■ Problem statement
Set out exactly every line of the entries below, starting at the line that holds "7.57, 0.0), z_axis=(0.0, 0.0, 1.0), x_axis=(0.0, 1.0, 0.0)))" and stopping after the line that holds "23.05, 0.0), z_axis=(0.0, 0.0, 1.0), x_axis=(0.0, 1.0, 0.0)))".

[Records from a dataset]

###

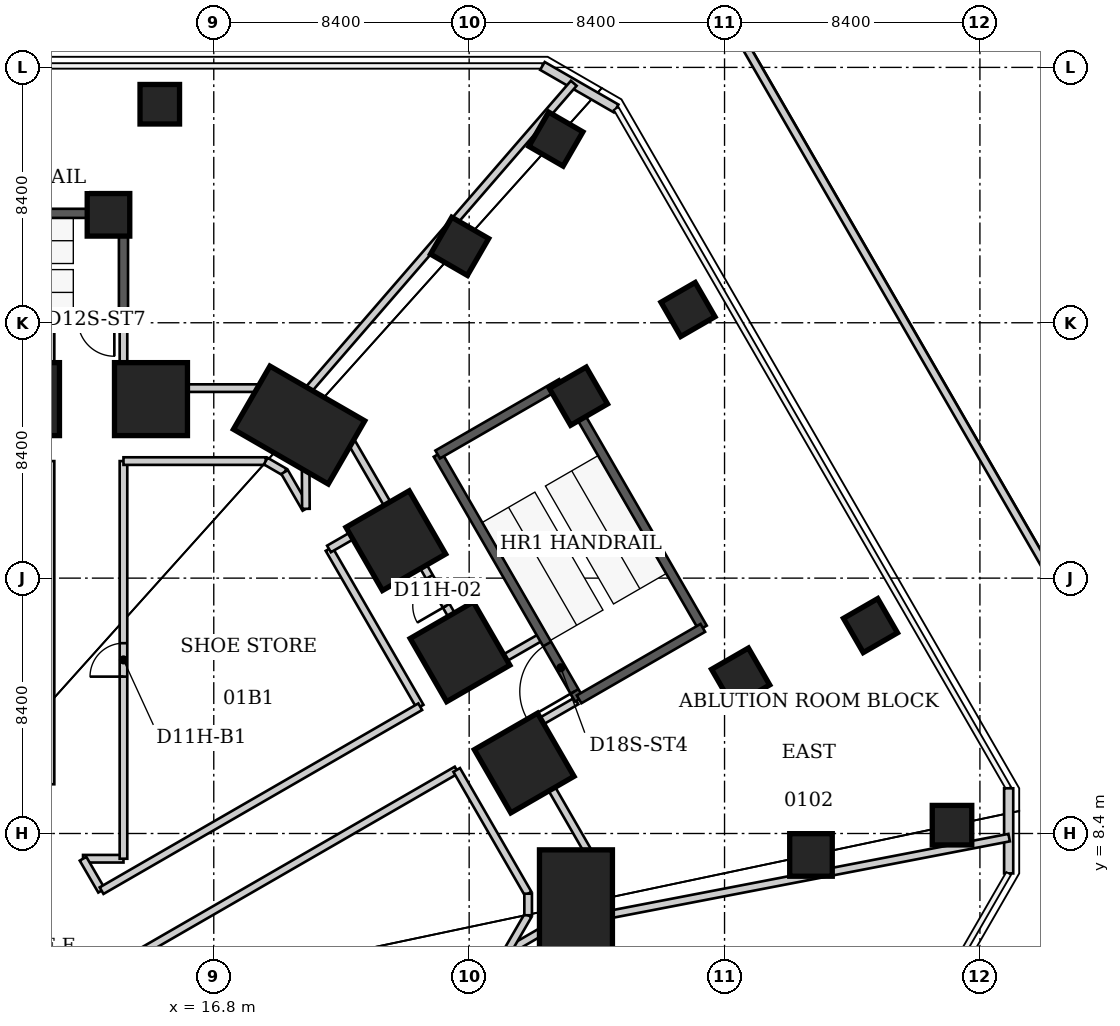
"""IFC4 building model, lengths in metres.
Left out: names, types, materials, properties, quantities, classifications, styles, units other than length and angle.
Written with IfcOpenShell. Run it as: python <this file> out.ifc"""

import sys

from ifc_helpers import new_model, si_unit, direction, frame, frame_2d, origin, origin_2d, place, context, subcontext, project, spatial, rectangle, extrude, element, fill, save


model = new_model("IFC4")
c1 = context("Model", 3, precision=1e-05, world=origin(), true_north=direction((0.0, 1.0)))
c2 = subcontext(c1, "Body", "Model", "MODEL_VIEW")
j1 = project(units=[si_unit("LENGTHUNIT", "METRE"), si_unit("PLANEANGLEUNIT", "RADIAN")], contexts=[c1])
p1 = place(None, origin())
s1 = spatial("IfcSite", under=j1, at=p1, CompositionType="ELEMENT")
p2 = place(p1, origin())
s2 = spatial("IfcBuilding", under=s1, at=p2, CompositionType="ELEMENT")
p3 = place(p2, frame((0.0, 0.0, 6.0)))
s3 = spatial("IfcBuildingStorey", under=s2, at=p3, CompositionType="ELEMENT", Elevation=6.0)
for number, where, z_axis, x_axis in (
    (1, (10.525, 22.689, 0.0), (0.0, 0.0, 1.0), (0.0, 1.0, 0.0)),
    (2, (14.735, 22.689, 0.0), (0.0, 0.0, 1.0), (0.0, 1.0, 0.0)),
):
    element("IfcColumn", number, at=place(p3, frame(where, z_axis=z_axis, x_axis=x_axis)), inside=s3, PredefinedType="COLUMN", context=c2, shape_type="SweptSolid", body=[
        extrude(rectangle(XDim=2.4, YDim=2.4, at=origin_2d()), origin(), (0.0, 0.0, 1.0), 6.0),
    ])
p4 = place(p3, frame((19.606, 21.835, 0.0), z_axis=(0.0, 0.0, 1.0), x_axis=(0.5, 0.866025403784, 0.0)))
e3 = element("IfcColumn", 3, at=p4, inside=s3, PredefinedType="COLUMN", context=c2, shape_type="SweptSolid", body=[
    extrude(rectangle(XDim=2.4, YDim=3.6, at=origin_2d()), origin(), (0.0, 0.0, 1.0), 6.0),
])
for number, where, z_axis, x_axis in (
    (4, (22.788, 18.032, 0.0), (0.0, 0.0, 1.0), (0.866, 0.5, 0.0)),
    (5, (24.899, 14.375, 0.0), (0.0, 0.0, 1.0), (0.866, 0.5, 0.0)),
    (6, (27.01, 10.719, 0.0), (0.0, 0.0, 1.0), (0.866, 0.5, 0.0)),
):
    element("IfcColumn", number, at=place(p3, frame(where, z_axis=z_axis, x_axis=x_axis)), inside=s3, PredefinedType="COLUMN", context=c2, shape_type="SweptSolid", body=[
        extrude(rectangle(XDim=2.4, YDim=2.4, at=origin_2d()), origin(), (0.0, 0.0, 1.0), 6.0),
    ])
p5 = place(p3, frame((28.713, 6.062, 0.0), z_axis=(0.0, 0.0, 1.0), x_axis=(1.0, 0.0, 0.0)))
e7 = element("IfcColumn", 7, at=p5, inside=s3, PredefinedType="COLUMN", context=c2, shape_type="SweptSolid", body=[
    extrude(rectangle(XDim=2.4, YDim=3.6, at=origin_2d()), origin(), (0.0, 0.0, 1.0), 6.0),
])
for number, where, z_axis, x_axis in (
    (8, (13.337, 28.751, 0.0), (0.0, 0.0, 1.0), (0.0, 1.0, 0.0)),
    (9, (24.885, 27.714, 0.0), (0.0, 0.0, 1.0), (0.5, 0.866, 0.0)),
    (10, (28.794, 22.785, 0.0), (0.0, 0.0, 1.0), (0.866, 0.5, 0.0)),
    (11, (34.129, 13.544, 0.0), (0.0, 0.0, 1.0), (0.866, 0.5, 0.0)),
    (12, (36.443, 7.694, 0.0), (0.0, 0.0, 1.0), (1.0, 0.0, 0.0)),
):
    element("IfcColumn", number, at=place(p3, frame(where, z_axis=z_axis, x_axis=x_axis)), inside=s3, PredefinedType="COLUMN", context=c2, shape_type="SweptSolid", body=[
        extrude(rectangle(XDim=1.4, YDim=1.4, at=origin_2d()), origin(), (0.0, 0.0, 1.0), 6.0),
    ])
for number, where, z_axis, x_axis in (
    (13, (15.024, 32.388, 0.0), (0.0, 0.0, 1.0), (0.0, 1.0, 0.0)),
    (14, (28.052, 31.241, 0.0), (0.0, 0.0, 1.0), (0.5, 0.866, 0.0)),
    (15, (32.397, 25.636, 0.0), (0.0, 0.0, 1.0), (0.866, 0.5, 0.0)),
    (16, (38.4, 15.239, 0.0), (0.0, 0.0, 1.0), (0.866, 0.5, 0.0)),
    (17, (41.082, 8.674, 0.0), (0.0, 0.0, 1.0), (1.0, 0.0, 0.0)),
):
    element("IfcColumn", number, at=place(p3, frame(where, z_axis=z_axis, x_axis=x_axis)), inside=s3, PredefinedType="COLUMN", context=c2, shape_type="SweptSolid", body=[
        extrude(rectangle(XDim=1.3, YDim=1.3, at=origin_2d()), origin(), (0.0, 0.0, 1.0), 6.0),
    ])
p6 = place(p3, frame((27.61, 33.648, 0.0), z_axis=(0.0, 0.0, 1.0), x_axis=(0.866056369097, -0.49994636267, 0.0)))
e18 = element("IfcWall", 18, at=p6, inside=s3, PredefinedType="SOLIDWALL", context=c2, shape_type="SweptSolid", body=[
    extrude(rectangle(XDim=2.8, YDim=0.3, at=frame_2d((1.4, 0.0))), origin(), (0.0, 0.0, 1.0), 5.84),
])
p7 = place(p3, frame((42.945, 9.887, 0.0), z_axis=(0.0, 0.0, 1.0), x_axis=(0.0, -1.0, 0.0)))
e19 = element("IfcWall", 19, at=p7, inside=s3, PredefinedType="SOLIDWALL", context=c2, shape_type="SweptSolid", body=[
    extrude(rectangle(XDim=2.8, YDim=0.3, at=frame_2d((1.4, 0.0))), origin(), (0.0, 0.0, 1.0), 5.84),
])
p8 = place(p3, frame((17.117, -45.292, 0.0), z_axis=(0.0, 0.0, 1.0), x_axis=(0.499999154746, 0.866025891791, 0.0)))
e20 = element("IfcWall", 20, at=p8, inside=s3, PredefinedType="PARAPET", context=c2, shape_type="SweptSolid", body=[
    extrude(rectangle(XDim=61.33, YDim=0.25, at=frame_2d((30.665, 0.0))), origin(), (0.0, 0.0, 1.0), 1.1),
])
p9 = place(p3, frame((47.784, 10.913, 0.0), z_axis=(0.0, 0.0, 1.0), x_axis=(-0.500005626994, 0.866022155013, 0.0)))
e21 = element("IfcWall", 21, at=p9, inside=s3, PredefinedType="PARAPET", context=c2, shape_type="SweptSolid", body=[
    extrude(rectangle(XDim=28.882, YDim=0.25, at=frame_2d((14.441, 0.0))), origin(), (0.0, 0.0, 1.0), 1.1),
])
p10 = place(p3, frame((11.43, 20.65, 0.0), z_axis=(0.0, 0.0, 1.0), x_axis=(0.0, -1.0, 0.0)))
e22 = element("IfcWall", 22, at=p10, inside=s3, PredefinedType="PARTITIONING", context=c2, shape_type="SweptSolid", body=[
    extrude(rectangle(XDim=10.63, YDim=0.25, at=frame_2d((5.315, 0.0))), origin(), (0.0, 0.0, 1.0), 5.84),
])
p11 = place(p3, frame((11.43, 25.2, 0.0), z_axis=(0.0, 0.0, 1.0), x_axis=(0.0, -1.0, 0.0)))
e23 = element("IfcWall", 23, at=p11, inside=s3, PredefinedType="PARTITIONING", context=c2, shape_type="SweptSolid", body=[
    extrude(rectangle(XDim=2.15, YDim=0.25, at=frame_2d((1.075, 0.0))), origin(), (0.0, 0.0, 1.0), 5.84),
])
p12 = place(p3, frame((12.23, 3.24, 0.0), z_axis=(0.0, 0.0, 1.0), x_axis=(0.866071776036, 0.499919672301, 0.0)))
e24 = element("IfcWall", 24, at=p12, inside=s3, PredefinedType="PARTITIONING", context=c2, shape_type="SweptSolid", body=[
    extrude(rectangle(XDim=14.502, YDim=0.25, at=frame_2d((7.251, 0.0))), origin(), (0.0, 0.0, 1.0), 5.84),
])
p13 = place(p3, frame((12.5, 7.57, 0.0), z_axis=(0.0, 0.0, 1.0), x_axis=(1.0, 0.0, 0.0)))
e25 = element("IfcWall", 25, at=p13, inside=s3, PredefinedType="PARTITIONING", context=c2, shape_type="SweptSolid", body=[
    extrude(rectangle(XDim=1.33, YDim=0.25, at=frame_2d((0.665, 0.0))), origin(), (0.0, 0.0, 1.0), 5.84),
])
p14 = place(p3, frame((13.11, 6.52, 0.0), z_axis=(0.0, 0.0, 1.0), x_axis=(-0.502382838514, 0.864645293497, 0.0)))
e26 = element("IfcWall", 26, at=p14, inside=s3, PredefinedType="PARTITIONING", context=c2, shape_type="SweptSolid", body=[
    extrude(rectangle(XDim=1.214, YDim=0.25, at=frame_2d((0.607, 0.0))), origin(), (0.0, 0.0, 1.0), 5.84),
])
p15 = place(p3, frame((13.83, 7.57, 0.0), z_axis=(0.0, 0.0, 1.0), x_axis=(0.0, 1.0, 0.0)))
e27 = element("IfcWall", 27, at=p15, inside=s3, PredefinedType="PARTITIONING", context=c2, shape_type="SweptSolid", body=[
    extrude(rectangle(XDim=13.08, YDim=0.25, at=frame_2d((6.54, 0.0))), origin(), (0.0, 0.0, 1.0), 5.84),
])
p16 = place(p15, frame((5.99, 0.0, 0.0)))
e28 = element("IfcOpeningElement", 28, at=p16, cuts=e27, PredefinedType="OPENING", context=c2, shape_type="SweptSolid", body=[
    extrude(rectangle(XDim=1.1, YDim=2.2, at=frame_2d((0.55, 1.1))), frame((0.0, 0.125, 0.0), z_axis=(0.0, -1.0, 0.0), x_axis=(1.0, 0.0, 0.0)), (0.0, 0.0, 1.0), 0.25),
])
p17 = place(p3, frame((13.83, 20.65, 0.0), z_axis=(0.0, 0.0, 1.0), x_axis=(1.0, 0.0, 0.0)))
e29 = element("IfcWall", 29, at=p17, inside=s3, PredefinedType="PARTITIONING", context=c2, shape_type="SweptSolid", body=[
    extrude(rectangle(XDim=4.68, YDim=0.25, at=frame_2d((2.34, 0.0))), origin(), (0.0, 0.0, 1.0), 5.84),
])
p18 = place(p3, frame((13.83, 23.05, 0.0), z_axis=(0.0, 0.0, 1.0), x_axis=(0.0, 1.0, 0.0)))
e30 = element("IfcWall", 30, at=p18, inside=s3, PredefinedType="PARTITIONING", context=c2, shape_type="SweptSolid", body=[
    extrude(rectangle(XDim=2.15, YDim=0.25, at=frame_2d((1.075, 0.0))), origin(), (0.0, 0.0, 1.0), 5.84),
])
p19 = place(p3, frame((18.51, 20.65, 0.0), z_axis=(0.0, 0.0, 1.0), x_axis=(0.864827114446, -0.502069778138, 0.0)))
e31 = element("IfcWall", 31, at=p19, inside=s3, PredefinedType="PARTITIONING", context=c2, shape_type="SweptSolid", body=[
    extrude(rectangle(XDim=0.717, YDim=0.25, at=frame_2d((0.358, 0.0))), origin(), (0.0, 0.0, 1.0), 5.84),
])
p20 = place(p3, frame((19.13, 20.29, 0.0), z_axis=(0.0, 0.0, 1.0), x_axis=(0.500871040665, -0.865521923826, 0.0)))
e32 = element("IfcWall", 32, at=p20, inside=s3, PredefinedType="PARTITIONING", context=c2, shape_type="SweptSolid", body=[
    extrude(rectangle(XDim=1.398, YDim=0.25, at=frame_2d((0.699, 0.0))), origin(), (0.0, 0.0, 1.0), 5.84),
])
p21 = place(p3, frame((19.15, 23.05, 0.0), z_axis=(0.0, 0.0, 1.0), x_axis=(-1.0, 0.0, 0.0)))
e33 = element("IfcWall", 33, at=p21, inside=s3, PredefinedType="PARTITIONING", context=c2, shape_type="SweptSolid", body=[
    extrude(rectangle(XDim=5.32, YDim=0.25, at=frame_2d((2.66, 0.0))), origin(), (0.0, 0.0, 1.0), 4.04),
])
p22 = place(p3, frame((19.15, 23.05, 0.0), z_axis=(0.0, 0.0, 1.0), x_axis=(0.866627900645, -0.498954989777, 0.0)))
e34 = element("IfcWall", 34, at=p22, inside=s3, PredefinedType="PARTITIONING", context=c2, shape_type="SweptSolid", body=[
    extrude(rectangle(XDim=0.588, YDim=0.25, at=frame_2d((0.294, 0.0))), origin(), (0.0, 0.0, 1.0), 5.84),
])
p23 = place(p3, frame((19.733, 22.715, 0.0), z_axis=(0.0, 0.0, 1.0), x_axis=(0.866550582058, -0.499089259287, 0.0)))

###

■ Response box
p15 = place(p3, frame((13.83, 7.57, 0.0), z_axis=(0.0, 0.0, 1.0), x_axis=(0.0, 1.0, 0.0)))
e27 = element("IfcWall", 27, at=p15, inside=s3, PredefinedType="PARTITIONING", context=c2, shape_type="SweptSolid", body=[
    extrude(rectangle(XDim=13.08, YDim=0.25, at=frame_2d((6.54, 0.0))), origin(), (0.0, 0.0, 1.0), 5.84),
])
p16 = place(p15, frame((5.99, 0.0, 0.0)))
e28 = element("IfcOpeningElement", 28, at=p16, cuts=e27, PredefinedType="OPENING", context=c2, shape_type="SweptSolid", body=[
    extrude(rectangle(XDim=1.1, YDim=2.2, at=frame_2d((0.55, 1.1))), frame((0.0, 0.125, 0.0), z_axis=(0.0, -1.0, 0.0), x_axis=(1.0, 0.0, 0.0)), (0.0, 0.0, 1.0), 0.25),
])
p17 = place(p3, frame((13.83, 20.65, 0.0), z_axis=(0.0, 0.0, 1.0), x_axis=(1.0, 0.0, 0.0)))
e29 = element("IfcWall", 29, at=p17, inside=s3, PredefinedType="PARTITIONING", context=c2, shape_type="SweptSolid", body=[
    extrude(rectangle(XDim=4.68, YDim=0.25, at=frame_2d((2.34, 0.0))), origin(), (0.0, 0.0, 1.0), 5.84),
])
p18 = place(p3, frame((13.83, 23.05, 0.0), z_axis=(0.0, 0.0, 1.0), x_axis=(0.0, 1.0, 0.0)))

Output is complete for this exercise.